• **Exercise objective**: Set down each entry exactly as given; pictures should not appear in the copy.

• **Record extracts**:
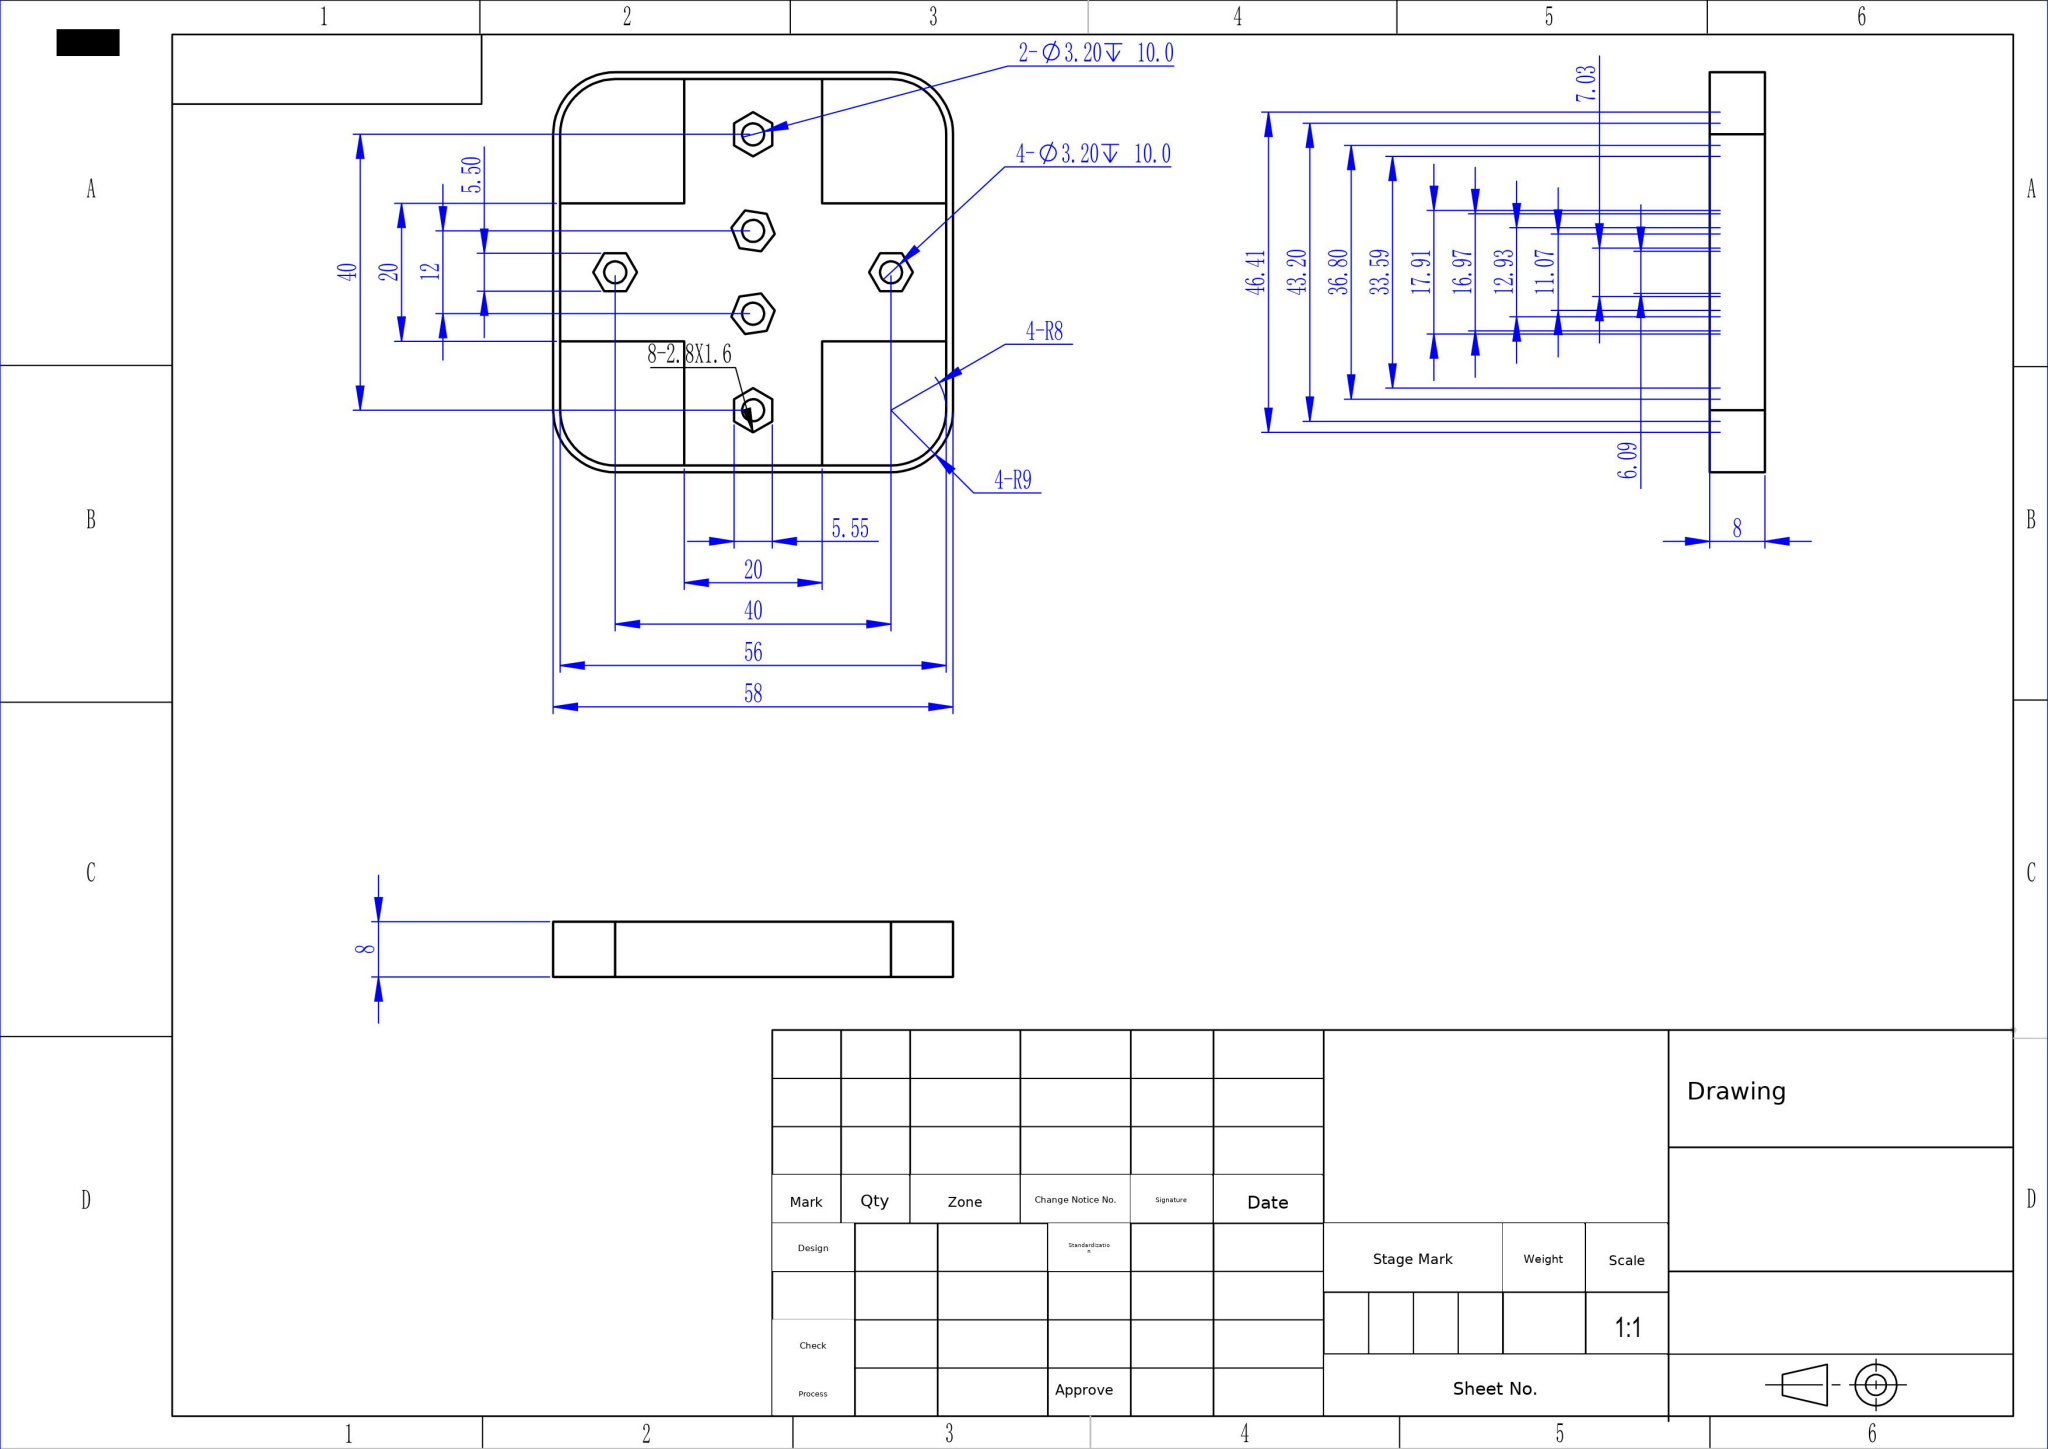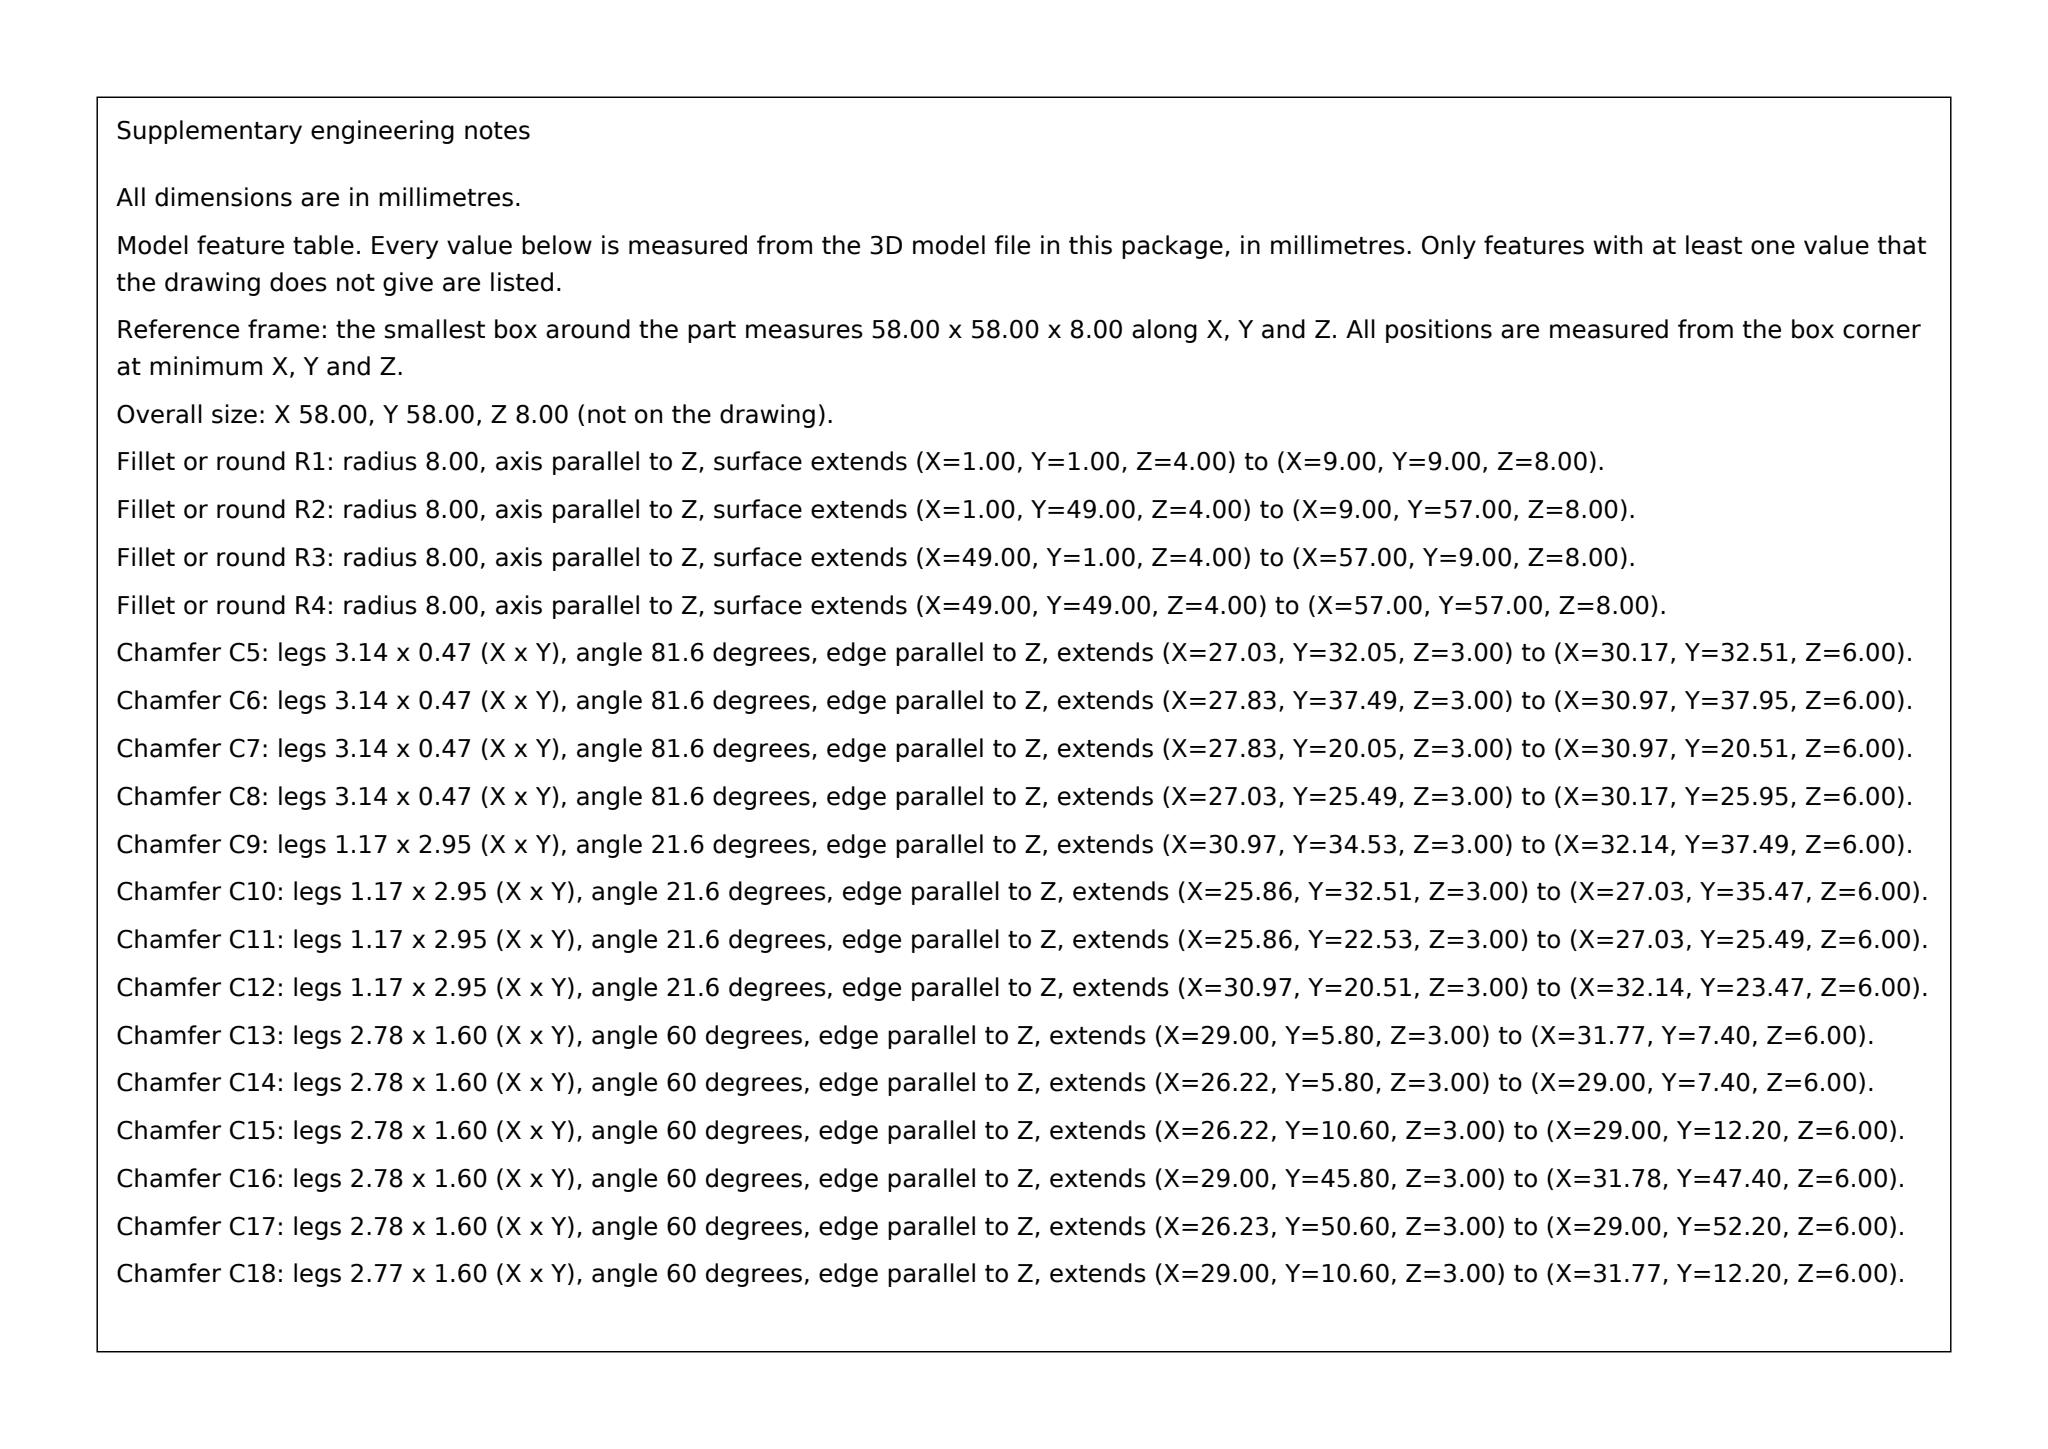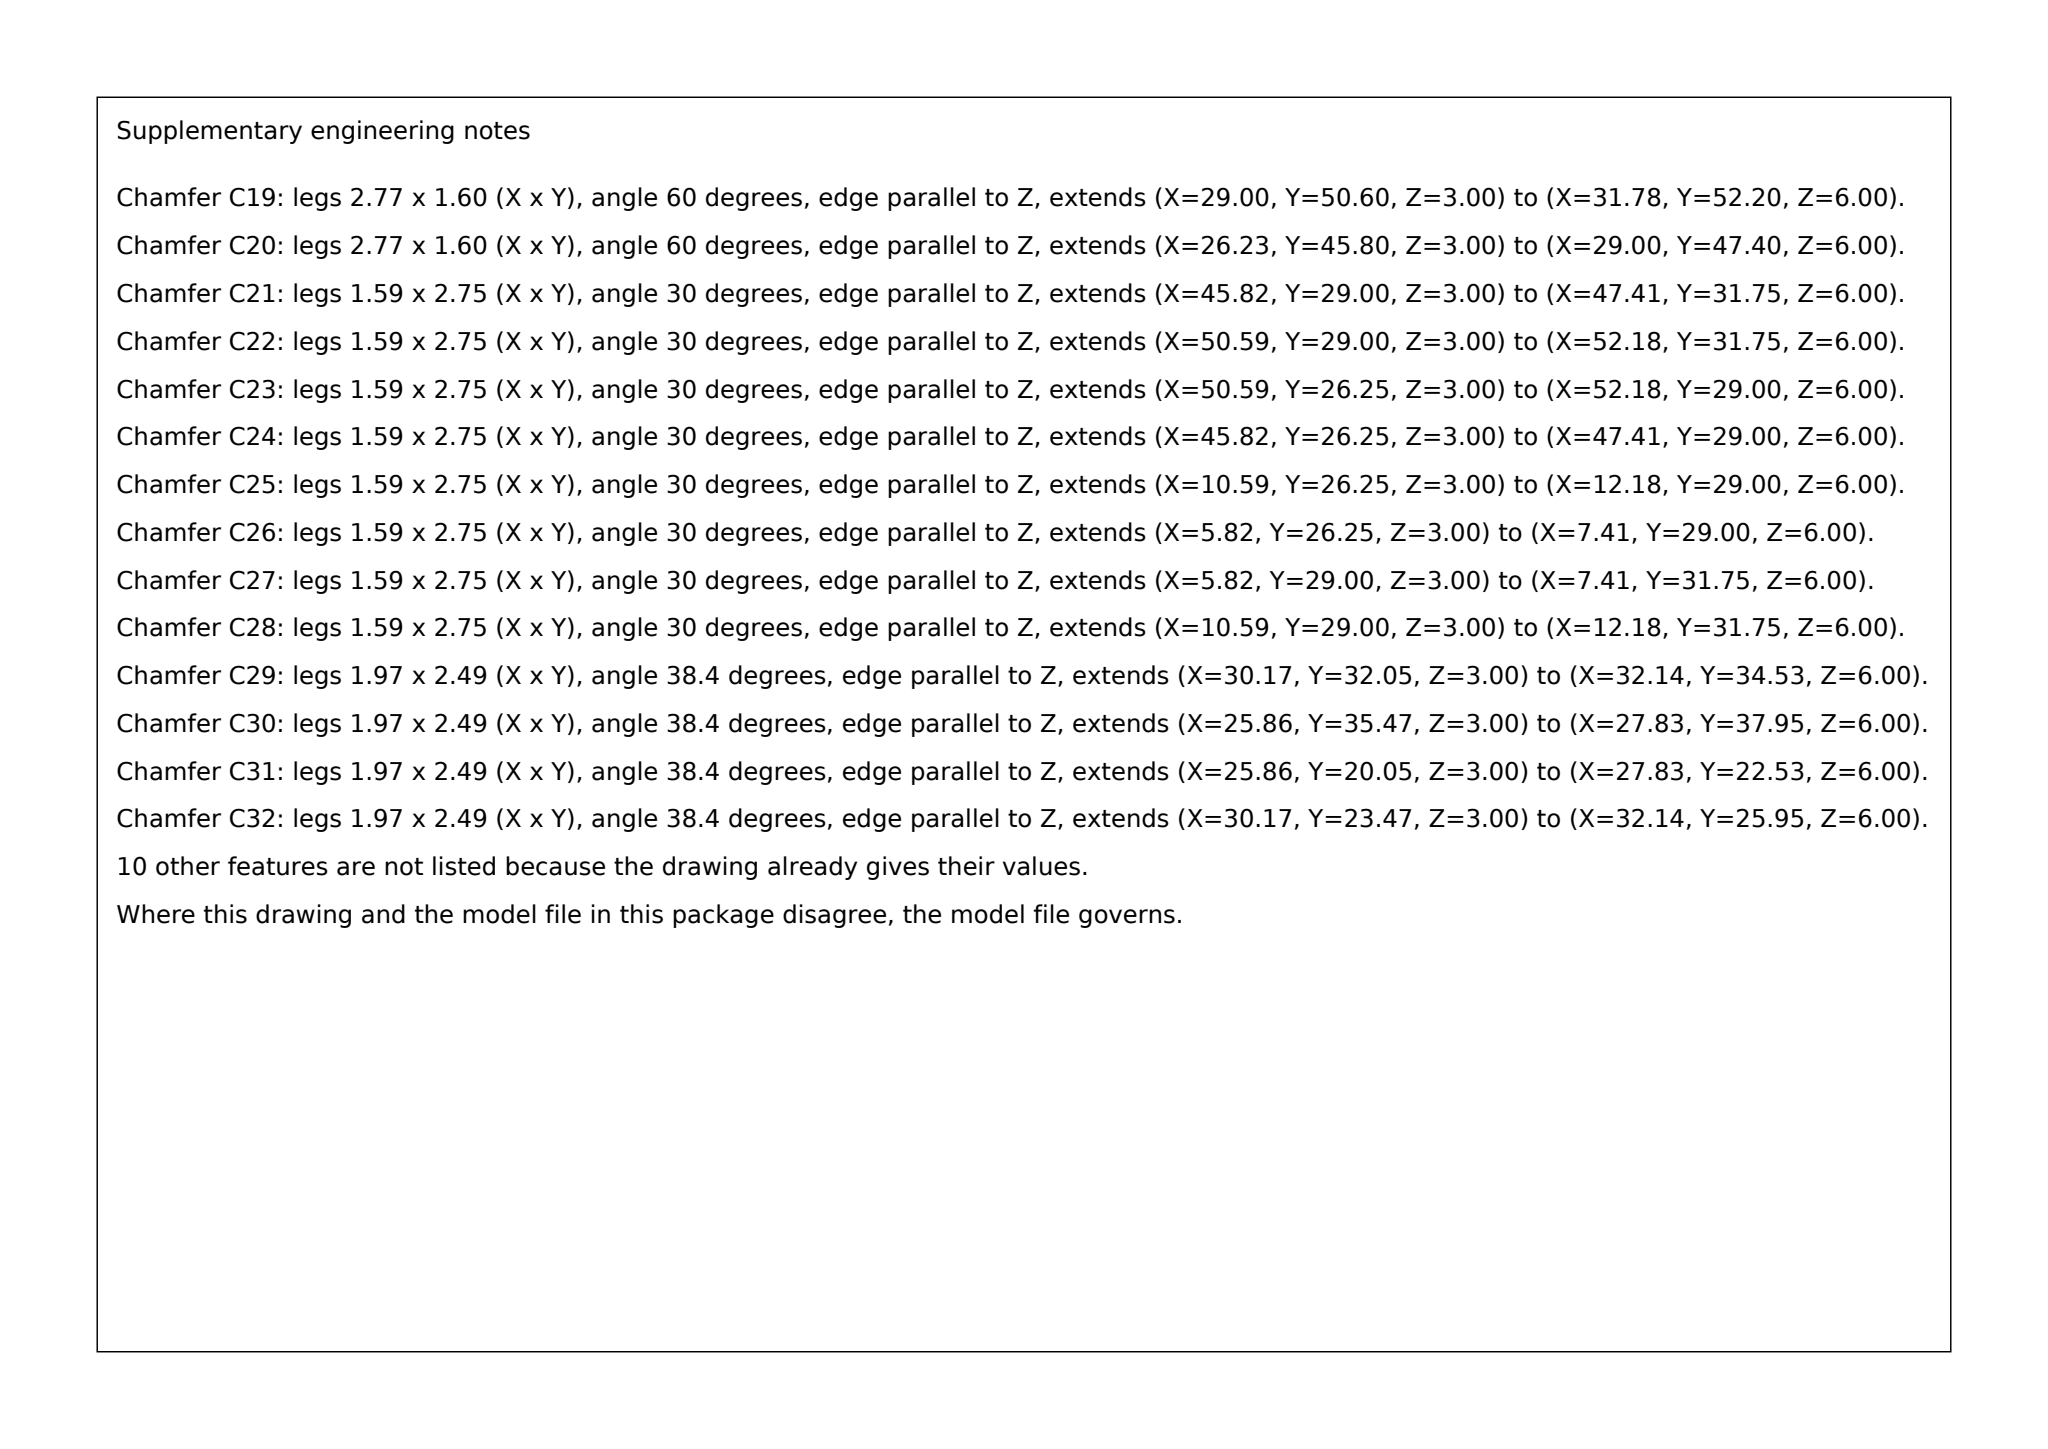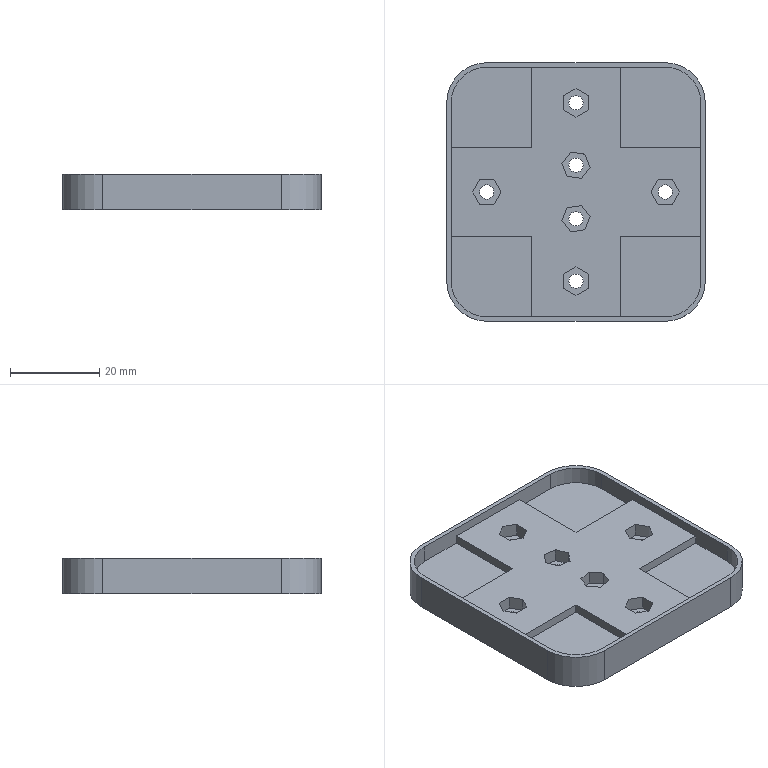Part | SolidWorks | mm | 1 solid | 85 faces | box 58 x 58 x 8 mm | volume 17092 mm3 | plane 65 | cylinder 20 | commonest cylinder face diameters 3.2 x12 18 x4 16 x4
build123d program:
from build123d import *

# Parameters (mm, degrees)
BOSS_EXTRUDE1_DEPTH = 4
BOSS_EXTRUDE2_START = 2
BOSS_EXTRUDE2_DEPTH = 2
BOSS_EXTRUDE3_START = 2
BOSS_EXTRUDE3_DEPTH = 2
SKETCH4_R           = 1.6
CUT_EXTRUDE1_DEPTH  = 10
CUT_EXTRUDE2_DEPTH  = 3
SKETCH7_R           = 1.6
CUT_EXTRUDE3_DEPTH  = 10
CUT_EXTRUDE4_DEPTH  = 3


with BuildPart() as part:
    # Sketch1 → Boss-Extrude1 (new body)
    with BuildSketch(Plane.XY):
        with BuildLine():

• **Answer box**:
Part | SolidWorks | mm | 1 solid | 85 faces | box 58 x 58 x 8 mm | volume 17092 mm3 | plane 65 | cylinder 20 | commonest cylinder face diameters 3.2 x12 18 x4 16 x4
build123d program:
from build123d import *

# Parameters (mm, degrees)
BOSS_EXTRUDE1_DEPTH = 4
BOSS_EXTRUDE2_START = 2
BOSS_EXTRUDE2_DEPTH = 2
BOSS_EXTRUDE3_START = 2
BOSS_EXTRUDE3_DEPTH = 2
SKETCH4_R           = 1.6
CUT_EXTRUDE1_DEPTH  = 10
CUT_EXTRUDE2_DEPTH  = 3
SKETCH7_R           = 1.6
CUT_EXTRUDE3_DEPTH  = 10
CUT_EXTRUDE4_DEPTH  = 3


with BuildPart() as part:
    # Sketch1 → Boss-Extrude1 (new body)
    with BuildSketch(Plane.XY):
        with BuildLine():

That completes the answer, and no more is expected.